## Records shown
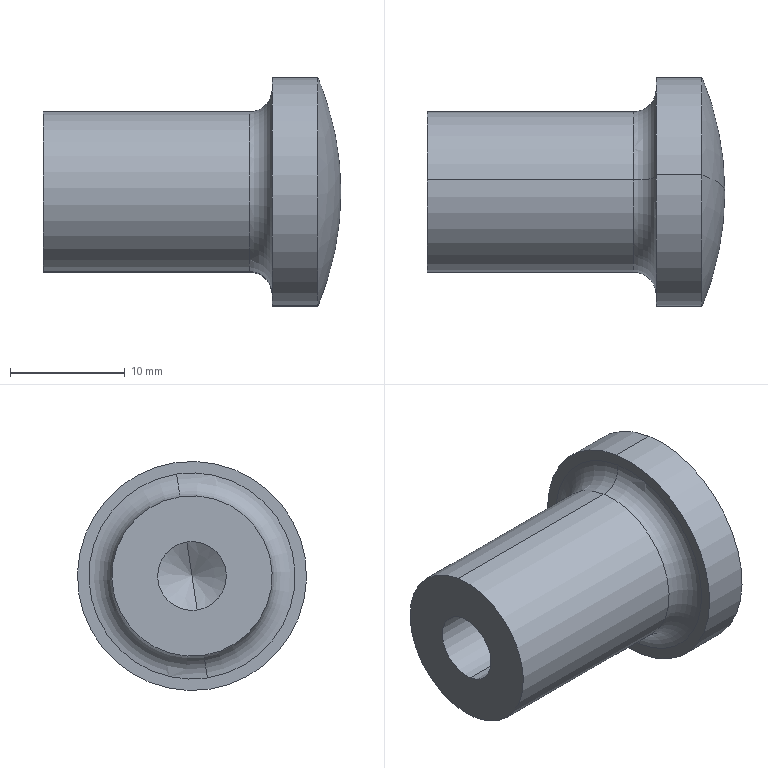Component | SolidWorks | STB-08-000-3-1_STB-08-027-1 | 1 solid | 14 faces | box 26 x 20 x 20 mm | volume 4196 mm3 | cylinder 6 | cone 2 | torus 2 | sphere 2 | plane 2 | commonest cylinder face diameters 6 x2 14 x2 20 x2
build123d program:
from build123d import *

# Parameters (mm, degrees)
SKETCH1_R             = 10
BOSS_EXTRUDE1_DEPTH   = 12
SKETCH2_OUTSIDE_W     = 29.418
SKETCH2_OUTSIDE_H     = 29.418
SKETCH2_OUTSIDE_R     = 7
CUT_EXTRUDE1_DEPTH    = 20
FILLET1_R             = 2
M6_TAPPED_HOLE1_D     = 6
M6_TAPPED_HOLE1_DEPTH = 17
M6_TAPPED_HOLE1_TIP   = 1.803
DOME1_FACE_RADIUS     = 10
DOME1_HEIGHT          = 2


with BuildPart() as part:
    # Sketch1 → Boss-Extrude1 (new, symmetric)
    with BuildSketch(Plane(origin=(0, 0, 0), x_dir=(0, 0, -1), z_dir=(1, 0, 0))):
        Circle(SKETCH1_R)
    extrude(amount=BOSS_EXTRUDE1_DEPTH, both=True)

    # Sketch2 outside → Cut-Extrude1 (cut)
    with BuildSketch(Plane.ZY.offset(12)):
        Rectangle(SKETCH2_OUTSIDE_W, SKETCH2_OUTSIDE_H)
        Circle(SKETCH2_OUTSIDE_R, mode=Mode.SUBTRACT)
    extrude(amount=-CUT_EXTRUDE1_DEPTH, mode=Mode.SUBTRACT)

    # Fillet1
    fillet1_edges = [part.edges().sort_by_distance(p)[0] for p in [
        (8, 0, -7),
    ]]
    fillet(fillet1_edges, radius=FILLET1_R)

    # M6 Tapped Hole1
    with Locations(Plane.ZY.offset(12)):
        with Locations((0, 0)):
            Hole(M6_TAPPED_HOLE1_D / 2, depth=M6_TAPPED_HOLE1_DEPTH)
            with Locations((0, 0, -(M6_TAPPED_HOLE1_DEPTH + M6_TAPPED_HOLE1_TIP / 2))):  # 118° drill point
                Cone(0, M6_TAPPED_HOLE1_D / 2, M6_TAPPED_HOLE1_TIP, mode=Mode.SUBTRACT)

    # Dome1: a dome of height H over a round flat face of radius A is a cap of a sphere of radius (A * A + H * H) / (2 * H)
    dome1_r = (DOME1_FACE_RADIUS * DOME1_FACE_RADIUS + DOME1_HEIGHT * DOME1_HEIGHT) / (2 * DOME1_HEIGHT)
    dome1_base = Plane((12, 0, 0), z_dir=(1, 0, 0))
    with Locations(dome1_base.offset(DOME1_HEIGHT - dome1_r)):
        dome1_ball = Sphere(dome1_r, mode=Mode.PRIVATE)
    add(split(dome1_ball, bisect_by=dome1_base, keep=Keep.TOP, mode=Mode.PRIVATE))


solid = part.part

# Placed as in the assembly
solid = solid.moved(Location((-207.904, 437.999, -10), (0, 0, 0)))
STEP:
#1=CARTESIAN_POINT('',(-7.988,17.226,-0.5105));
#2=VERTEX_POINT('',#1);
#3=CARTESIAN_POINT('',(-7.988,17.262,-0.2769));
#4=VERTEX_POINT('',#3);
#5=CARTESIAN_POINT('',(-7.988,17.244,-0.3937));
#6=DIRECTION('',(-1.,0.,0.));
#7=DIRECTION('',(0.,0.1487,0.9889));
#8=AXIS2_PLACEMENT_3D('',#5,#6,#7);
#9=CIRCLE('',#8,0.1181);
#10=EDGE_CURVE('',#2,#4,#9,.T.);
#11=ORIENTED_EDGE('',*,*,#10,.F.);
#12=CARTESIAN_POINT('',(-8.658,17.226,-0.5105));
#13=VERTEX_POINT('',#12);
#14=CARTESIAN_POINT('',(-8.658,17.226,-0.5105));
#15=DIRECTION('',(-1.,0.,0.));
#16=VECTOR('',#15,39.37);
#17=LINE('',#14,#16);
#18=EDGE_CURVE('',#2,#13,#17,.T.);
#19=ORIENTED_EDGE('',*,*,#18,.T.);
#20=CARTESIAN_POINT('',(-8.658,17.262,-0.2769));
#21=VERTEX_POINT('',#20);
#22=CARTESIAN_POINT('',(-8.658,17.244,-0.3937));
#23=DIRECTION('',(-1.,0.,0.));
#24=DIRECTION('',(0.,0.1487,0.9889));
#25=AXIS2_PLACEMENT_3D('',#22,#23,#24);
#26=CIRCLE('',#25,0.1181);
#27=EDGE_CURVE('',#13,#21,#26,.T.);
#28=ORIENTED_EDGE('',*,*,#27,.T.);
#29=CARTESIAN_POINT('',(-8.658,17.262,-0.2769));
#30=DIRECTION('',(-1.,0.,0.));
#31=VECTOR('',#30,39.37);
#32=LINE('',#29,#31);
#33=EDGE_CURVE('',#4,#21,#32,.T.);
#34=ORIENTED_EDGE('',*,*,#33,.F.);
#35=EDGE_LOOP('',(#11,#19,#28,#34));
#36=FACE_OUTER_BOUND('',#35,.T.);
#37=CARTESIAN_POINT('',(-8.658,17.244,-0.3937));
#38=DIRECTION('',(-1.,0.,0.));
#39=DIRECTION('',(0.,0.1487,0.9889));
#40=AXIS2_PLACEMENT_3D('',#37,#38,#39);
#41=CYLINDRICAL_SURFACE('',#40,0.1181);
#42=ADVANCED_FACE('',(#36),#41,.F.);
#43=CARTESIAN_POINT('',(-7.917,17.244,-0.3937));
#44=VERTEX_POINT('',#43);
#45=CARTESIAN_POINT('',(-7.988,17.262,-0.2769));
#46=DIRECTION('',(-0.515,0.1274,0.8476));
#47=VECTOR('',#46,39.37);
#48=LINE('',#45,#47);
#49=EDGE_CURVE('',#44,#4,#48,.T.);
#50=ORIENTED_EDGE('',*,*,#49,.F.);
#51=CARTESIAN_POINT('',(-7.988,17.226,-0.5105));
#52=DIRECTION('',(-0.515,-0.1274,-0.8476));
#53=VECTOR('',#52,39.37);
#54=LINE('',#51,#53);
#55=EDGE_CURVE('',#44,#2,#54,.T.);
#56=ORIENTED_EDGE('',*,*,#55,.T.);
#57=ORIENTED_EDGE('',*,*,#10,.T.);
#58=EDGE_LOOP('',(#50,#56,#57));
#59=FACE_OUTER_BOUND('',#58,.T.);
#60=CARTESIAN_POINT('',(-7.988,17.244,-0.3937));
#61=DIRECTION('',(-1.,0.,0.));
#62=DIRECTION('',(0.,0.1487,0.9889));
#63=AXIS2_PLACEMENT_3D('',#60,#61,#62);
#64=CONICAL_SURFACE('',#63,0.1181,1.03);
#65=ADVANCED_FACE('',(#59),#64,.F.);
#66=CARTESIAN_POINT('',(-7.949,17.203,-0.6662));
#67=VERTEX_POINT('',#66);
#68=CARTESIAN_POINT('',(-7.949,17.285,-0.1212));
#69=VERTEX_POINT('',#68);
#70=CARTESIAN_POINT('',(-7.949,17.244,-0.3937));
#71=DIRECTION('',(-1.,0.,0.));
#72=DIRECTION('',(0.,0.1487,0.9889));
#73=AXIS2_PLACEMENT_3D('',#70,#71,#72);
#74=CIRCLE('',#73,0.2756);
#75=EDGE_CURVE('',#67,#69,#74,.T.);
#76=ORIENTED_EDGE('',*,*,#75,.F.);
#77=CARTESIAN_POINT('',(-7.87,17.191,-0.7441));
#78=VERTEX_POINT('',#77);
#79=CARTESIAN_POINT('',(-7.949,17.191,-0.7441));
#80=DIRECTION('',(0.,0.9889,-0.1487));
#81=DIRECTION('',(0.,0.1487,0.9889));
#82=AXIS2_PLACEMENT_3D('',#79,#80,#81);
#83=CIRCLE('',#82,0.07874);
#84=EDGE_CURVE('',#67,#78,#83,.T.);
#85=ORIENTED_EDGE('',*,*,#84,.T.);
#86=CARTESIAN_POINT('',(-7.87,17.297,-0.04331));
#87=VERTEX_POINT('',#86);
#88=CARTESIAN_POINT('',(-7.87,17.244,-0.3937));
#89=DIRECTION('',(1.,0.,0.));
#90=DIRECTION('',(0.,0.1487,0.9889));
#91=AXIS2_PLACEMENT_3D('',#88,#89,#90);
#92=CIRCLE('',#91,0.3543);
#93=EDGE_CURVE('',#87,#78,#92,.T.);
#94=ORIENTED_EDGE('',*,*,#93,.F.);
#95=CARTESIAN_POINT('',(-7.949,17.297,-0.04331));
#96=DIRECTION('',(0.,-0.9889,0.1487));
#97=DIRECTION('',(0.,-0.1487,-0.9889));
#98=AXIS2_PLACEMENT_3D('',#95,#96,#97);
#99=CIRCLE('',#98,0.07874);
#100=EDGE_CURVE('',#69,#87,#99,.T.);
#101=ORIENTED_EDGE('',*,*,#100,.F.);
#102=EDGE_LOOP('',(#76,#85,#94,#101));
#103=FACE_OUTER_BOUND('',#102,.T.);
#104=CARTESIAN_POINT('',(-7.949,17.244,-0.3937));
#105=DIRECTION('',(-1.,0.,0.));
#106=DIRECTION('',(0.,0.1487,0.9889));
#107=AXIS2_PLACEMENT_3D('',#104,#105,#106);
#108=TOROIDAL_SURFACE('',#107,0.3543,0.07874);
#109=ADVANCED_FACE('',(#103),#108,.F.);
#110=CARTESIAN_POINT('',(-7.949,17.244,-0.3937));
#111=DIRECTION('',(-1.,0.,0.));
#112=DIRECTION('',(0.,0.1487,0.9889));
#113=AXIS2_PLACEMENT_3D('',#110,#111,#112);
#114=CIRCLE('',#113,0.2756);
#115=EDGE_CURVE('',#69,#67,#114,.T.);
#116=ORIENTED_EDGE('',*,*,#115,.T.);
#117=CARTESIAN_POINT('',(-8.658,17.203,-0.6662));
#118=VERTEX_POINT('',#117);
#119=CARTESIAN_POINT('',(-7.87,17.203,-0.6662));
#120=DIRECTION('',(-1.,0.,0.));
#121=VECTOR('',#120,39.37);
#122=LINE('',#119,#121);
#123=EDGE_CURVE('',#67,#118,#122,.T.);
#124=ORIENTED_EDGE('',*,*,#123,.T.);
#125=CARTESIAN_POINT('',(-8.658,17.285,-0.1212));
#126=VERTEX_POINT('',#125);
#127=CARTESIAN_POINT('',(-8.658,17.244,-0.3937));
#128=DIRECTION('',(-1.,0.,0.));
#129=DIRECTION('',(0.,0.1487,0.9889));
#130=AXIS2_PLACEMENT_3D('',#127,#128,#129);
#131=CIRCLE('',#130,0.2756);
#132=EDGE_CURVE('',#126,#118,#131,.T.);
#133=ORIENTED_EDGE('',*,*,#132,.F.);
#134=CARTESIAN_POINT('',(-7.87,17.285,-0.1212));
#135=DIRECTION('',(-1.,0.,0.));
#136=VECTOR('',#135,39.37);
#137=LINE('',#134,#136);
#138=EDGE_CURVE('',#69,#126,#137,.T.);
#139=ORIENTED_EDGE('',*,*,#138,.F.);
#140=EDGE_LOOP('',(#116,#124,#133,#139));
#141=FACE_OUTER_BOUND('',#140,.T.);
#142=CARTESIAN_POINT('',(-7.87,17.244,-0.3937));
#143=DIRECTION('',(-1.,0.,0.));
#144=DIRECTION('',(0.,0.1487,0.9889));
#145=AXIS2_PLACEMENT_3D('',#142,#143,#144);
#146=CYLINDRICAL_SURFACE('',#145,0.2756);
#147=ADVANCED_FACE('',(#141),#146,.T.);
#148=CARTESIAN_POINT('',(-7.713,17.303,-0.004375));
#149=VERTEX_POINT('',#148);
#150=CARTESIAN_POINT('',(-7.713,17.186,-0.783));
#151=VERTEX_POINT('',#150);
#152=CARTESIAN_POINT('',(-7.713,17.244,-0.3937));
#153=DIRECTION('',(1.,0.,0.));
#154=DIRECTION('',(0.,-0.1487,-0.9889));
#155=AXIS2_PLACEMENT_3D('',#152,#153,#154);
#156=CIRCLE('',#155,0.3937);
#157=EDGE_CURVE('',#149,#151,#156,.T.);
#158=ORIENTED_EDGE('',*,*,#157,.T.);
#159=CARTESIAN_POINT('',(-8.658,17.244,-0.3937));
#160=DIRECTION('',(0.,-0.9889,0.1487));
#161=DIRECTION('',(0.,-0.1487,-0.9889));
#162=AXIS2_PLACEMENT_3D('',#159,#160,#161);
#163=CIRCLE('',#162,1.024);
#164=EDGE_CURVE('',#151,#149,#163,.T.);
#165=ORIENTED_EDGE('',*,*,#164,.T.);
#166=EDGE_LOOP('',(#158,#165));
#167=FACE_OUTER_BOUND('',#166,.T.);
#168=CARTESIAN_POINT('',(-8.658,17.244,-0.3937));
#169=DIRECTION('',(0.,0.9889,-0.1487));
#170=DIRECTION('',(1.,0.,0.));
#171=AXIS2_PLACEMENT_3D('',#168,#169,#170);
#172=SPHERICAL_SURFACE('',#171,1.024);
#173=ADVANCED_FACE('',(#167),#172,.T.);
#174=CARTESIAN_POINT('',(-7.713,17.244,-0.3937));
#175=DIRECTION('',(1.,0.,0.));
#176=DIRECTION('',(0.,-0.1487,-0.9889));
#177=AXIS2_PLACEMENT_3D('',#174,#175,#176);
#178=CIRCLE('',#177,0.3937);
#179=EDGE_CURVE('',#151,#149,#178,.T.);
#180=ORIENTED_EDGE('',*,*,#179,.F.);
#181=CARTESIAN_POINT('',(-7.87,17.186,-0.783));
#182=VERTEX_POINT('',#181);
#183=CARTESIAN_POINT('',(-7.713,17.186,-0.783));
#184=DIRECTION('',(-1.,0.,0.));
#185=VECTOR('',#184,39.37);
#186=LINE('',#183,#185);
#187=EDGE_CURVE('',#151,#182,#186,.T.);
#188=ORIENTED_EDGE('',*,*,#187,.T.);
#189=CARTESIAN_POINT('',(-7.87,17.303,-0.004375));
#190=VERTEX_POINT('',#189);
#191=CARTESIAN_POINT('',(-7.87,17.244,-0.3937));
#192=DIRECTION('',(-1.,0.,0.));
#193=DIRECTION('',(0.,0.1487,0.9889));
#194=AXIS2_PLACEMENT_3D('',#191,#192,#193);
#195=CIRCLE('',#194,0.3937);
#196=EDGE_CURVE('',#190,#182,#195,.T.);
#197=ORIENTED_EDGE('',*,*,#196,.F.);
#198=CARTESIAN_POINT('',(-7.713,17.303,-0.004375));
#199=DIRECTION('',(-1.,0.,0.));
#200=VECTOR('',#199,39.37);
#201=LINE('',#198,#200);
#202=EDGE_CURVE('',#149,#190,#201,.T.);
#203=ORIENTED_EDGE('',*,*,#202,.F.);
#204=EDGE_LOOP('',(#180,#188,#197,#203));
#205=FACE_OUTER_BOUND('',#204,.T.);
#206=CARTESIAN_POINT('',(-7.713,17.244,-0.3937));
#207=DIRECTION('',(-1.,0.,0.));
#208=DIRECTION('',(0.,0.1487,0.9889));
#209=AXIS2_PLACEMENT_3D('',#206,#207,#208);
#210=CYLINDRICAL_SURFACE('',#209,0.3937);
#211=ADVANCED_FACE('',(#205),#210,.T.);
#212=ORIENTED_EDGE('',*,*,#187,.F.);
#213=ORIENTED_EDGE('',*,*,#157,.F.);
#214=ORIENTED_EDGE('',*,*,#202,.T.);
#215=CARTESIAN_POINT('',(-7.87,17.244,-0.3937));
#216=DIRECTION('',(-1.,0.,0.));
#217=DIRECTION('',(0.,0.1487,0.9889));
#218=AXIS2_PLACEMENT_3D('',#215,#216,#217);
#219=CIRCLE('',#218,0.3937);
#220=EDGE_CURVE('',#182,#190,#219,.T.);
#221=ORIENTED_EDGE('',*,*,#220,.F.);
#222=EDGE_LOOP('',(#212,#213,#214,#221));
#223=FACE_OUTER_BOUND('',#222,.T.);
#224=CARTESIAN_POINT('',(-7.713,17.244,-0.3937));
#225=DIRECTION('',(-1.,0.,0.));
#226=DIRECTION('',(0.,0.1487,0.9889));
#227=AXIS2_PLACEMENT_3D('',#224,#225,#226);
#228=CYLINDRICAL_SURFACE('',#227,0.3937);
#229=ADVANCED_FACE('',(#223),#228,.T.);
#230=ORIENTED_EDGE('',*,*,#164,.F.);
#231=ORIENTED_EDGE('',*,*,#179,.T.);
#232=EDGE_LOOP('',(#230,#231));
#233=FACE_OUTER_BOUND('',#232,.T.);
#234=CARTESIAN_POINT('',(-8.658,17.244,-0.3937));
#235=DIRECTION('',(0.,0.9889,-0.1487));
#236=DIRECTION('',(1.,0.,0.));
#237=AXIS2_PLACEMENT_3D('',#234,#235,#236);
#238=SPHERICAL_SURFACE('',#237,1.024);
#239=ADVANCED_FACE('',(#233),#238,.T.);
#240=ORIENTED_EDGE('',*,*,#93,.T.);
#241=CARTESIAN_POINT('',(-7.87,17.244,-0.3937));
#242=DIRECTION('',(1.,0.,0.));
#243=DIRECTION('',(0.,0.1487,0.9889));
#244=AXIS2_PLACEMENT_3D('',#241,#242,#243);
#245=CIRCLE('',#244,0.3543);
#246=EDGE_CURVE('',#78,#87,#245,.T.);
#247=ORIENTED_EDGE('',*,*,#246,.T.);
#248=EDGE_LOOP('',(#240,#247));
#249=FACE_BOUND('',#248,.T.);
#250=ORIENTED_EDGE('',*,*,#196,.T.);
#251=ORIENTED_EDGE('',*,*,#220,.T.);
#252=EDGE_LOOP('',(#250,#251));
#253=FACE_OUTER_BOUND('',#252,.T.);
#254=CARTESIAN_POINT('',(-7.87,17.244,-0.3937));
#255=DIRECTION('',(-1.,0.,0.));
#256=DIRECTION('',(0.,0.1487,0.9889));
#257=AXIS2_PLACEMENT_3D('',#254,#255,#256);
#258=PLANE('',#257);
#259=ADVANCED_FACE('',(#249,#253),#258,.T.);
#260=ORIENTED_EDGE('',*,*,#123,.F.);
#261=ORIENTED_EDGE('',*,*,#75,.T.);
#262=ORIENTED_EDGE('',*,*,#138,.T.);
#263=CARTESIAN_POINT('',(-8.658,17.244,-0.3937));
#264=DIRECTION('',(-1.,0.,0.));
#265=DIRECTION('',(0.,0.1487,0.9889));
#266=AXIS2_PLACEMENT_3D('',#263,#264,#265);
#267=CIRCLE('',#266,0.2756);
#268=EDGE_CURVE('',#118,#126,#267,.T.);
#269=ORIENTED_EDGE('',*,*,#268,.F.);
#270=EDGE_LOOP('',(#260,#261,#262,#269));
#271=FACE_OUTER_BOUND('',#270,.T.);
#272=CARTESIAN_POINT('',(-7.87,17.244,-0.3937));
#273=DIRECTION('',(-1.,0.,0.));
#274=DIRECTION('',(0.,0.1487,0.9889));
#275=AXIS2_PLACEMENT_3D('',#272,#273,#274);
#276=CYLINDRICAL_SURFACE('',#275,0.2756);
#277=ADVANCED_FACE('',(#271),#276,.T.);
#278=CARTESIAN_POINT('',(-8.658,17.244,-0.3937));
#279=DIRECTION('',(-1.,0.,0.));
#280=DIRECTION('',(0.,0.1487,0.9889));
#281=AXIS2_PLACEMENT_3D('',#278,#279,#280);
#282=CIRCLE('',#281,0.1181);
#283=EDGE_CURVE('',#21,#13,#282,.T.);
#284=ORIENTED_EDGE('',*,*,#283,.F.);
#285=ORIENTED_EDGE('',*,*,#27,.F.);
#286=EDGE_LOOP('',(#284,#285));
#287=FACE_BOUND('',#286,.T.);
#288=ORIENTED_EDGE('',*,*,#132,.T.);
#289=ORIENTED_EDGE('',*,*,#268,.T.);
#290=EDGE_LOOP('',(#288,#289));
#291=FACE_OUTER_BOUND('',#290,.T.);
#292=CARTESIAN_POINT('',(-8.658,17.244,-0.3937));
#293=DIRECTION('',(1.,0.,0.));
#294=DIRECTION('',(0.,-0.1487,-0.9889));
#295=AXIS2_PLACEMENT_3D('',#292,#293,#294);
#296=PLANE('',#295);
#297=ADVANCED_FACE('',(#287,#291),#296,.F.);
#298=ORIENTED_EDGE('',*,*,#84,.F.);
#299=ORIENTED_EDGE('',*,*,#115,.F.);
#300=ORIENTED_EDGE('',*,*,#100,.T.);
#301=ORIENTED_EDGE('',*,*,#246,.F.);
#302=EDGE_LOOP('',(#298,#299,#300,#301));
#303=FACE_OUTER_BOUND('',#302,.T.);
#304=CARTESIAN_POINT('',(-7.949,17.244,-0.3937));
#305=DIRECTION('',(-1.,0.,0.));
#306=DIRECTION('',(0.,0.1487,0.9889));
#307=AXIS2_PLACEMENT_3D('',#304,#305,#306);
#308=TOROIDAL_SURFACE('',#307,0.3543,0.07874);
#309=ADVANCED_FACE('',(#303),#308,.F.);
#310=ORIENTED_EDGE('',*,*,#55,.F.);
#311=ORIENTED_EDGE('',*,*,#49,.T.);
#312=CARTESIAN_POINT('',(-7.988,17.244,-0.3937));
#313=DIRECTION('',(-1.,0.,0.));
#314=DIRECTION('',(0.,0.1487,0.9889));
#315=AXIS2_PLACEMENT_3D('',#312,#313,#314);
#316=CIRCLE('',#315,0.1181);
#317=EDGE_CURVE('',#4,#2,#316,.T.);
#318=ORIENTED_EDGE('',*,*,#317,.T.);
#319=EDGE_LOOP('',(#310,#311,#318));
#320=FACE_OUTER_BOUND('',#319,.T.);
#321=CARTESIAN_POINT('',(-7.988,17.244,-0.3937));
#322=DIRECTION('',(-1.,0.,0.));
#323=DIRECTION('',(0.,0.1487,0.9889));
#324=AXIS2_PLACEMENT_3D('',#321,#322,#323);
#325=CONICAL_SURFACE('',#324,0.1181,1.03);
#326=ADVANCED_FACE('',(#320),#325,.F.);
#327=ORIENTED_EDGE('',*,*,#18,.F.);
#328=ORIENTED_EDGE('',*,*,#317,.F.);
#329=ORIENTED_EDGE('',*,*,#33,.T.);
#330=ORIENTED_EDGE('',*,*,#283,.T.);
#331=EDGE_LOOP('',(#327,#328,#329,#330));
#332=FACE_OUTER_BOUND('',#331,.T.);
#333=CARTESIAN_POINT('',(-8.658,17.244,-0.3937));
#334=DIRECTION('',(-1.,0.,0.));
#335=DIRECTION('',(0.,0.1487,0.9889));
#336=AXIS2_PLACEMENT_3D('',#333,#334,#335);
#337=CYLINDRICAL_SURFACE('',#336,0.1181);
#338=ADVANCED_FACE('',(#332),#337,.F.);
#339=CLOSED_SHELL('',(#42,#65,#109,#147,#173,#211,#229,#239,#259,#277,#297,#309,#326,#338));
#340=MANIFOLD_SOLID_BREP('',#339);
#341=CARTESIAN_POINT('',(0.,0.,0.));
#342=DIRECTION('',(0.,0.,1.));
#343=DIRECTION('',(1.,0.,0.));
#344=AXIS2_PLACEMENT_3D('',#341,#342,#343);
#345=(LENGTH_UNIT()NAMED_UNIT(*)SI_UNIT($,.METRE.));
#346=LENGTH_MEASURE_WITH_UNIT(LENGTH_MEASURE(0.0254),#345);
#347=DIMENSIONAL_EXPONENTS(1.,0.,0.,0.,0.,0.,0.);
#348=(CONVERSION_BASED_UNIT('',#346)LENGTH_UNIT()NAMED_UNIT(#347));
#349=UNCERTAINTY_MEASURE_WITH_UNIT(LENGTH_MEASURE(0.00001),#348,'','');
#350=(NAMED_UNIT(*)PLANE_ANGLE_UNIT()SI_UNIT($,.RADIAN.));
#351=(NAMED_UNIT(*)SI_UNIT($,.STERADIAN.)SOLID_ANGLE_UNIT());
#352=(GEOMETRIC_REPRESENTATION_CONTEXT(3)GLOBAL_UNCERTAINTY_ASSIGNED_CONTEXT((#349))GLOBAL_UNIT_ASSIGNED_CONTEXT((#348,#350,#351))REPRESENTATION_CONTEXT('',''));
#353=ADVANCED_BREP_SHAPE_REPRESENTATION('',(#340,#344),#352);
#354=COLOUR_RGB('',0.7922,0.8196,0.9333);
#355=FILL_AREA_STYLE_COLOUR('',#354);
#356=FILL_AREA_STYLE('',(#355));
#357=SURFACE_STYLE_FILL_AREA(#356);
#358=SURFACE_SIDE_STYLE('',(#357));
#359=SURFACE_STYLE_USAGE(.BOTH.,#358);
#360=PRESENTATION_STYLE_ASSIGNMENT((#359));
#361=STYLED_ITEM('',(#360),#340);
#362=(LENGTH_UNIT()NAMED_UNIT(*)SI_UNIT($,.METRE.));
#363=LENGTH_MEASURE_WITH_UNIT(LENGTH_MEASURE(0.0254),#362);
#364=DIMENSIONAL_EXPONENTS(1.,0.,0.,0.,0.,0.,0.);
#365=(CONVERSION_BASED_UNIT('',#363)LENGTH_UNIT()NAMED_UNIT(#364));
#366=UNCERTAINTY_MEASURE_WITH_UNIT(LENGTH_MEASURE(0.00001),#365,'','');
#367=(NAMED_UNIT(*)PLANE_ANGLE_UNIT()SI_UNIT($,.RADIAN.));
#368=(NAMED_UNIT(*)SI_UNIT($,.STERADIAN.)SOLID_ANGLE_UNIT());
#369=(GEOMETRIC_REPRESENTATION_CONTEXT(3)GLOBAL_UNCERTAINTY_ASSIGNED_CONTEXT((#366))GLOBAL_UNIT_ASSIGNED_CONTEXT((#365,#367,#368))REPRESENTATION_CONTEXT('',''));
#370=MECHANICAL_DESIGN_GEOMETRIC_PRESENTATION_REPRESENTATION('',(#361),#369);
#371=PRESENTATION_LAYER_ASSIGNMENT('','',(#361));

## Exercise description
Among the lines above, find the one with "#78=VERTEX_POINT('',#77);" and the one with "#89=DIRECTION('',(1.,0.,0.));". Quote both and everything between them, exactly.

## Response to this exercise
#78=VERTEX_POINT('',#77);
#79=CARTESIAN_POINT('',(-7.949,17.191,-0.7441));
#80=DIRECTION('',(0.,0.9889,-0.1487));
#81=DIRECTION('',(0.,0.1487,0.9889));
#82=AXIS2_PLACEMENT_3D('',#79,#80,#81);
#83=CIRCLE('',#82,0.07874);
#84=EDGE_CURVE('',#67,#78,#83,.T.);
#85=ORIENTED_EDGE('',*,*,#84,.T.);
#86=CARTESIAN_POINT('',(-7.87,17.297,-0.04331));
#87=VERTEX_POINT('',#86);
#88=CARTESIAN_POINT('',(-7.87,17.244,-0.3937));
#89=DIRECTION('',(1.,0.,0.));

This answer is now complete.